- Task goal
Give every line from the entries that contains "direction".

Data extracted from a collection
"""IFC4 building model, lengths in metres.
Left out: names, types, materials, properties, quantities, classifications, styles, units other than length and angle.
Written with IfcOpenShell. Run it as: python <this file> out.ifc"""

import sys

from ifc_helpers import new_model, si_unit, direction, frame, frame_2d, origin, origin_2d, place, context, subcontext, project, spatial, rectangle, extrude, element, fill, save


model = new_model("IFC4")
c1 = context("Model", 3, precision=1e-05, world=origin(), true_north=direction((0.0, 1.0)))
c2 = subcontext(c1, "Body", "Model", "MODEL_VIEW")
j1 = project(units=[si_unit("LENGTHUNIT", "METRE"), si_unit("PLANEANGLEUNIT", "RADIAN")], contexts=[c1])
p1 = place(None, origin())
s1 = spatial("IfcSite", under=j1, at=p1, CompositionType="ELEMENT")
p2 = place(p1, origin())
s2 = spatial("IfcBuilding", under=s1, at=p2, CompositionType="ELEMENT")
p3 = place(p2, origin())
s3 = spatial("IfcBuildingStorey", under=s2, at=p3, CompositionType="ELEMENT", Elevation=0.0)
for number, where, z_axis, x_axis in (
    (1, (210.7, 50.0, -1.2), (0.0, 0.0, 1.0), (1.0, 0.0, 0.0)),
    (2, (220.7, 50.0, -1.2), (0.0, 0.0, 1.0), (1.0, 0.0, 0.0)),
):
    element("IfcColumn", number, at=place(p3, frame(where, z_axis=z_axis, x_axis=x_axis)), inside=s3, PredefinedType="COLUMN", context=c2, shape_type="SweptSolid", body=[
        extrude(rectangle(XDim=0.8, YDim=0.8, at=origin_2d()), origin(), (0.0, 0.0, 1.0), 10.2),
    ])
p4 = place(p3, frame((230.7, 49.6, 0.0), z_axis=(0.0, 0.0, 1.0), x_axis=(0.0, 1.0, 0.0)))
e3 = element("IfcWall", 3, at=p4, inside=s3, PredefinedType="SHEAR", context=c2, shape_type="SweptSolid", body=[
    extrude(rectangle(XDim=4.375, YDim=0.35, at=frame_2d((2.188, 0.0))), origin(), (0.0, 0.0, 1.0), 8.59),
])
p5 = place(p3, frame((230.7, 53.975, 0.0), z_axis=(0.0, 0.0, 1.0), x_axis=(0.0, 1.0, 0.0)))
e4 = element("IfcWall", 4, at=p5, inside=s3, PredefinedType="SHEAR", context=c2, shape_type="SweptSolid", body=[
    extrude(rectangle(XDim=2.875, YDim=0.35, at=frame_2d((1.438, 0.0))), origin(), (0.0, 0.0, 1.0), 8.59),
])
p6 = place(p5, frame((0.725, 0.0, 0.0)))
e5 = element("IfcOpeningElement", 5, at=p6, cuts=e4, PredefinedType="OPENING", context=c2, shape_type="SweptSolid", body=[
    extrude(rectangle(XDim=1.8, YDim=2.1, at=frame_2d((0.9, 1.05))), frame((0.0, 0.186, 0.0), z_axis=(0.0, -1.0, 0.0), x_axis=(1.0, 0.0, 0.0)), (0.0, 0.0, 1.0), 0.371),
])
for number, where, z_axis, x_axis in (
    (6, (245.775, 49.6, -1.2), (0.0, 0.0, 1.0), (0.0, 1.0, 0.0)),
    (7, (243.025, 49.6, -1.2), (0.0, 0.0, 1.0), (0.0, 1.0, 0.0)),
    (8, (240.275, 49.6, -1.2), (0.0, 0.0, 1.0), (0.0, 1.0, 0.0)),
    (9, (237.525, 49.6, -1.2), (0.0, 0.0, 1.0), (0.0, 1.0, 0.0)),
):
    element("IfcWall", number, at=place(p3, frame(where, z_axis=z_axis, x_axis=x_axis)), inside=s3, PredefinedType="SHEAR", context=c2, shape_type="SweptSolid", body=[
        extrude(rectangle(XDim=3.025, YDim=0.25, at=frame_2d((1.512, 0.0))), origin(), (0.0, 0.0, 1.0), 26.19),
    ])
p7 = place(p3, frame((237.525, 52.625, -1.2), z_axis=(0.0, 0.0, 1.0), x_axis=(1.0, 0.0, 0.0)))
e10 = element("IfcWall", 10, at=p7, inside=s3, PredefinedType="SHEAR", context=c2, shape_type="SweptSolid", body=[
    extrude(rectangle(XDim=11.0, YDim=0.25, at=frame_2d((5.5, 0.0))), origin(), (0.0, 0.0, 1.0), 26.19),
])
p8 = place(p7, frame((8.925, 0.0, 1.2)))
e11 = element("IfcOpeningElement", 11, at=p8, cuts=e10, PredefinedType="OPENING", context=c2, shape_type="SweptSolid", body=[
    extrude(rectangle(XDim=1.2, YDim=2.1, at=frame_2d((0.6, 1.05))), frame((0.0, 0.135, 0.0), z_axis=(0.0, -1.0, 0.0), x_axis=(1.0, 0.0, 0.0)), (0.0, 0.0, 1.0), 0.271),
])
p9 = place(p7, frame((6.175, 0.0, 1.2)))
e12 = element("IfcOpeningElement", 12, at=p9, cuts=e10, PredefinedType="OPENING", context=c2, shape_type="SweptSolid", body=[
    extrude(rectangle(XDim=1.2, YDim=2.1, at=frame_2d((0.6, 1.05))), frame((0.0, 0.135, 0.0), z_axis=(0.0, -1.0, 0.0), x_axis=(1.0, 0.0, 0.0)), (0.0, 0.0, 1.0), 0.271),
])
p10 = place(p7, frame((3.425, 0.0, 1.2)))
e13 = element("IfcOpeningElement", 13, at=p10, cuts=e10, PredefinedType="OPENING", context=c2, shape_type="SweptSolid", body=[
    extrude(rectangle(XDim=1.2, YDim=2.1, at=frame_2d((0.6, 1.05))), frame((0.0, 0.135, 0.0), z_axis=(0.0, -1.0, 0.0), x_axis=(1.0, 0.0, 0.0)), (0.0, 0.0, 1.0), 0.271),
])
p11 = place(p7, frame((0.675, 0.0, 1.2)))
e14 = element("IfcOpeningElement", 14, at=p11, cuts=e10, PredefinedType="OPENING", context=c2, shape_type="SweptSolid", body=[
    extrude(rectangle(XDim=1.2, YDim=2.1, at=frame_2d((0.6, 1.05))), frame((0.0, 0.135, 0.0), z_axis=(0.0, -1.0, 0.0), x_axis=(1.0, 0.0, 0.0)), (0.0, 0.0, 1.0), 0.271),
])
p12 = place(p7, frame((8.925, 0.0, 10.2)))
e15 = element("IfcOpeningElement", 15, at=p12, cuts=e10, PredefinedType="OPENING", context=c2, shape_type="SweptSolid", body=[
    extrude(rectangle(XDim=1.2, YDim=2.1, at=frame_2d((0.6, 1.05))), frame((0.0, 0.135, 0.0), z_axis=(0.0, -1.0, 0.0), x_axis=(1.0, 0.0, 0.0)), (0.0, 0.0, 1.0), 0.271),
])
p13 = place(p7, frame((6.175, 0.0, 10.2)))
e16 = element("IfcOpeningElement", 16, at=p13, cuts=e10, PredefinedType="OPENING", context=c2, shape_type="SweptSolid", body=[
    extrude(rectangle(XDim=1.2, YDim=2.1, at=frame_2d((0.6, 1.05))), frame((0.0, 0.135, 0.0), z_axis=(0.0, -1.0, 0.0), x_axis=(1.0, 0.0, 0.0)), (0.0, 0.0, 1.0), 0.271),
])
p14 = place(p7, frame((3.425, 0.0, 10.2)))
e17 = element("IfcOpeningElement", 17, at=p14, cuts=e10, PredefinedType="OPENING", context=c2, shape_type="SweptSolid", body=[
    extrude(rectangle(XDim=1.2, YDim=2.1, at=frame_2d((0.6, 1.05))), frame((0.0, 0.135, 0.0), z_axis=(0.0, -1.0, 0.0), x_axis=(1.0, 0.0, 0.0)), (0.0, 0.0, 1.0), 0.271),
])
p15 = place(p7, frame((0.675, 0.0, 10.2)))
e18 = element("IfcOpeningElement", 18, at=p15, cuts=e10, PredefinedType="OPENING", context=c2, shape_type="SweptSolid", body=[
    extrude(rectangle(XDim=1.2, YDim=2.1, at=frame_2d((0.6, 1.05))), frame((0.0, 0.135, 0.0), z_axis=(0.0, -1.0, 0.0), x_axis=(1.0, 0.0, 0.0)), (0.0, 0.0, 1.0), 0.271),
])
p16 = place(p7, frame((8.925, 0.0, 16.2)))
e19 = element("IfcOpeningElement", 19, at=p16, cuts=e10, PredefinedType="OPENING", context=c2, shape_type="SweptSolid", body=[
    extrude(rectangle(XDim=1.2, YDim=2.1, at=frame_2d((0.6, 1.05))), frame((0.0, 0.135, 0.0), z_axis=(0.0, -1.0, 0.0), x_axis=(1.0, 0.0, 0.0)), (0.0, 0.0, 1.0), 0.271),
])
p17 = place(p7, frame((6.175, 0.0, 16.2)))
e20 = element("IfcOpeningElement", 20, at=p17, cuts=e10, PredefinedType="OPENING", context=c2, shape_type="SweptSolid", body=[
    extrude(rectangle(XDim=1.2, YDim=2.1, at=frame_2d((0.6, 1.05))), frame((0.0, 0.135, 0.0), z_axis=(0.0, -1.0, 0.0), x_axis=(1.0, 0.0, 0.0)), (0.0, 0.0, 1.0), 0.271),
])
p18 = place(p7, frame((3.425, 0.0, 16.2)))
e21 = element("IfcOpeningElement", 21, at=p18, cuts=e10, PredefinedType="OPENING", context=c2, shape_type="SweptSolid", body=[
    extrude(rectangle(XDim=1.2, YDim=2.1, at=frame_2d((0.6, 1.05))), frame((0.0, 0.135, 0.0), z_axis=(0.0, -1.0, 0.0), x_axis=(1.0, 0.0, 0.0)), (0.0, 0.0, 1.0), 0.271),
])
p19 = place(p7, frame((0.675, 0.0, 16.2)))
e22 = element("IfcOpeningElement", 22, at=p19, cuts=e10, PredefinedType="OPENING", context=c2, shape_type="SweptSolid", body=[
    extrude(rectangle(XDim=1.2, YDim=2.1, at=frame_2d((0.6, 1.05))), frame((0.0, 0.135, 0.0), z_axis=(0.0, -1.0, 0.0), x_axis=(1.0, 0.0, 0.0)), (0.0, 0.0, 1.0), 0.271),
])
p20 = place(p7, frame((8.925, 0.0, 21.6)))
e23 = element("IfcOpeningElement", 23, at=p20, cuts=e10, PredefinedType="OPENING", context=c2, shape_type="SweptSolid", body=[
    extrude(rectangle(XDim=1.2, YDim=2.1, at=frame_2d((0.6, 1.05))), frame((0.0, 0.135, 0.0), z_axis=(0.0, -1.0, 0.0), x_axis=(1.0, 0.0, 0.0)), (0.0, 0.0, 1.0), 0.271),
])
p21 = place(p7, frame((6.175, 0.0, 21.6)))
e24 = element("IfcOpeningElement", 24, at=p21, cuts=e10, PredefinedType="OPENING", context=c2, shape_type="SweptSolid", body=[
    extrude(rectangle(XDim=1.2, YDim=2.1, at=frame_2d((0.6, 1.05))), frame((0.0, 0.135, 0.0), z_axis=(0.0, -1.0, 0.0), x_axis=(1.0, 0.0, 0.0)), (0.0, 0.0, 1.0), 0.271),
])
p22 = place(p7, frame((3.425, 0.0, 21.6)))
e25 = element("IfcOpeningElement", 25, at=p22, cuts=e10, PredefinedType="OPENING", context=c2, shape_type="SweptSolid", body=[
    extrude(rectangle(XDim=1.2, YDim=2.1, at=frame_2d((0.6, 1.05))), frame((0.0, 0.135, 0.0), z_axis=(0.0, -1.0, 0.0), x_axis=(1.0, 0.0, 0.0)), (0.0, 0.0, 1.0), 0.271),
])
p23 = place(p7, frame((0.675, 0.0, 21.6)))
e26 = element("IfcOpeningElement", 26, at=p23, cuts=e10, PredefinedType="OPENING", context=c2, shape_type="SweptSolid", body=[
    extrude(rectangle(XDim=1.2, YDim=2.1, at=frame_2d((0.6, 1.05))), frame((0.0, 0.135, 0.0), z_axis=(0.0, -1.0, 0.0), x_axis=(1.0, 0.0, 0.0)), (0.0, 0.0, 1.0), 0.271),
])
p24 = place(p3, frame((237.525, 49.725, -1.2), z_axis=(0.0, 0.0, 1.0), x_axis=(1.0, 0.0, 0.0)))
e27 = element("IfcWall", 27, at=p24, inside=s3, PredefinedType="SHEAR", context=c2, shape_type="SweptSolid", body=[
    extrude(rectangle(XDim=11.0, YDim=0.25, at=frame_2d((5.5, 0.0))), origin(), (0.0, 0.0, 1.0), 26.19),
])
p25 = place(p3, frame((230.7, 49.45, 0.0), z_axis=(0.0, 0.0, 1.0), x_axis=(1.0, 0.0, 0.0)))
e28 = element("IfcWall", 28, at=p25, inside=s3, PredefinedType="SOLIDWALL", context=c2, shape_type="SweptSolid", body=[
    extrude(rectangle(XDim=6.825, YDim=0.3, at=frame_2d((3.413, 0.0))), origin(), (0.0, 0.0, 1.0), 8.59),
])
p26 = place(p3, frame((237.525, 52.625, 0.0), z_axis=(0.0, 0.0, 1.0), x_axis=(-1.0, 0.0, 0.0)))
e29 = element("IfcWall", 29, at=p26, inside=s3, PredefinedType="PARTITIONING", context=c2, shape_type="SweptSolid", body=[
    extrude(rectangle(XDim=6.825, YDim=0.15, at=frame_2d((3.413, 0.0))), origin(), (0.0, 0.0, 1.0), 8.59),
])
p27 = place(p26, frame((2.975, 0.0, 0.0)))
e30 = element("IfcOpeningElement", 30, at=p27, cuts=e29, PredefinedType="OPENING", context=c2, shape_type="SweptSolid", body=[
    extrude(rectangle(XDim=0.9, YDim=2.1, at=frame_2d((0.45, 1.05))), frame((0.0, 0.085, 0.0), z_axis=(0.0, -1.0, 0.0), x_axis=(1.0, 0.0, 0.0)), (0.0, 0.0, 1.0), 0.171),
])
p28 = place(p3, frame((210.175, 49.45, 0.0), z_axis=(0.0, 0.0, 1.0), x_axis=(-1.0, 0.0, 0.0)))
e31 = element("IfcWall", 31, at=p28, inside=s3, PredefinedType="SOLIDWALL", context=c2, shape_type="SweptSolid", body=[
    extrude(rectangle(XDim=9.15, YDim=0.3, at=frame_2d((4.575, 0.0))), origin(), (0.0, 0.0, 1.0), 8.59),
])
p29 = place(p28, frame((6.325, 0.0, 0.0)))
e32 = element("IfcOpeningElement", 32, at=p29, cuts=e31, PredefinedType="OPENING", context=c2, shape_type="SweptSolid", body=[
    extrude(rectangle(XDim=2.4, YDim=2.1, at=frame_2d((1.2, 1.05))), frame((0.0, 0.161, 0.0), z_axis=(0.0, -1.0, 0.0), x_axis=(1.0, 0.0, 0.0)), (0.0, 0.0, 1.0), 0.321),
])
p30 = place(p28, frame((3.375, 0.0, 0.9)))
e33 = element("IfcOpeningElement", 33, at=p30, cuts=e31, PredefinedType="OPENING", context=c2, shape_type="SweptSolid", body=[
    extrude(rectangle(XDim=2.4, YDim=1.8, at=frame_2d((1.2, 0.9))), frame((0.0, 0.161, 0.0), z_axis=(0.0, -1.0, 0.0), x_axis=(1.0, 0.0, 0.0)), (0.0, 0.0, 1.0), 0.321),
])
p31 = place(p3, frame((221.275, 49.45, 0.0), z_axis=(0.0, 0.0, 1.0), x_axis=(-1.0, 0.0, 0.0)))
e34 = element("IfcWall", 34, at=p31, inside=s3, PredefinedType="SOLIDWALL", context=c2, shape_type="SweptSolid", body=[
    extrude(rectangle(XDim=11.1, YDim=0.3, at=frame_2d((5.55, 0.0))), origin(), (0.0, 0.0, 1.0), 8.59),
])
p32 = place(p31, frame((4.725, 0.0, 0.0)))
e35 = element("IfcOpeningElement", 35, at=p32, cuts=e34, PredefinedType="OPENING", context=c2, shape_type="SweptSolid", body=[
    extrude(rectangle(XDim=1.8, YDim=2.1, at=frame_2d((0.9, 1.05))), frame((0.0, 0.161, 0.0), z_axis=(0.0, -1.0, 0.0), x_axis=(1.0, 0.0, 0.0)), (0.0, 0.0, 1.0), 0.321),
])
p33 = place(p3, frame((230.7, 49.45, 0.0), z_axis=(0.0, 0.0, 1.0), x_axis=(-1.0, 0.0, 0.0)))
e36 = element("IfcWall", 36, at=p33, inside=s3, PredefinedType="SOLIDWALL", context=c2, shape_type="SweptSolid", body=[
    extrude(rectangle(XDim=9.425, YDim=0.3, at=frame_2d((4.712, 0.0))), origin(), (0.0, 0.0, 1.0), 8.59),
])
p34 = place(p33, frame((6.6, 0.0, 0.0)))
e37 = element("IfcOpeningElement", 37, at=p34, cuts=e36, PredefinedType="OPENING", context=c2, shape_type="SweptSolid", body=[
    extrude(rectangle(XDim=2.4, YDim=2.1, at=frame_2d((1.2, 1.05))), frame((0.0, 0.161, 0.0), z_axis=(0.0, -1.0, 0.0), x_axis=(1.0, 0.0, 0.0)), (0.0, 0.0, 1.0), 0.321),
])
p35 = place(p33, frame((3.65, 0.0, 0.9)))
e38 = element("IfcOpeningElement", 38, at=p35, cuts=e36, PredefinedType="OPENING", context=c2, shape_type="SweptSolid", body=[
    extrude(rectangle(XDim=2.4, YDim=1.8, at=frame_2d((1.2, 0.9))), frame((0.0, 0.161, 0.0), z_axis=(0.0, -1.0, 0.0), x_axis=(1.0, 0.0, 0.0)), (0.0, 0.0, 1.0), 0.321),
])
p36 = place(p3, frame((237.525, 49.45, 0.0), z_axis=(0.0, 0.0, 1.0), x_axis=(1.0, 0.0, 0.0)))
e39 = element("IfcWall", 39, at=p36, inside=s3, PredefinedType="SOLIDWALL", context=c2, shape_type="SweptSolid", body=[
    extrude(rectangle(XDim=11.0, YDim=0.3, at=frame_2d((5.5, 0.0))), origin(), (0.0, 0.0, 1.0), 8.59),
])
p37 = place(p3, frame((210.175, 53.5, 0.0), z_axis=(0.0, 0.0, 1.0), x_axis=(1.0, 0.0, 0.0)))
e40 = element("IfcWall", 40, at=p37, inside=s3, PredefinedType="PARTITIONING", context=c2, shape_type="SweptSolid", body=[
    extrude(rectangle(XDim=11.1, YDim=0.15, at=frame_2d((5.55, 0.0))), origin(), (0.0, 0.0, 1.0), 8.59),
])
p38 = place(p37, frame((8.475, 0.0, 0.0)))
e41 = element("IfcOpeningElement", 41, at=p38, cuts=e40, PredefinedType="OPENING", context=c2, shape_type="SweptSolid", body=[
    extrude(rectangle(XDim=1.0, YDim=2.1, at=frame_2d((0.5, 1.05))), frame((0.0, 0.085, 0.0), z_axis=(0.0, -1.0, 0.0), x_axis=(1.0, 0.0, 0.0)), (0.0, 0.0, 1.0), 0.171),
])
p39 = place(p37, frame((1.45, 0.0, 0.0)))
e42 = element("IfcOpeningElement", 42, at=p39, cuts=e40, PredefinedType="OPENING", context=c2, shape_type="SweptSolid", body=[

- Answer to this problem
from ifc_helpers import new_model, si_unit, direction, frame, frame_2d, origin, origin_2d, place, context, subcontext, project, spatial, rectangle, extrude, element, fill, save
c1 = context("Model", 3, precision=1e-05, world=origin(), true_north=direction((0.0, 1.0)))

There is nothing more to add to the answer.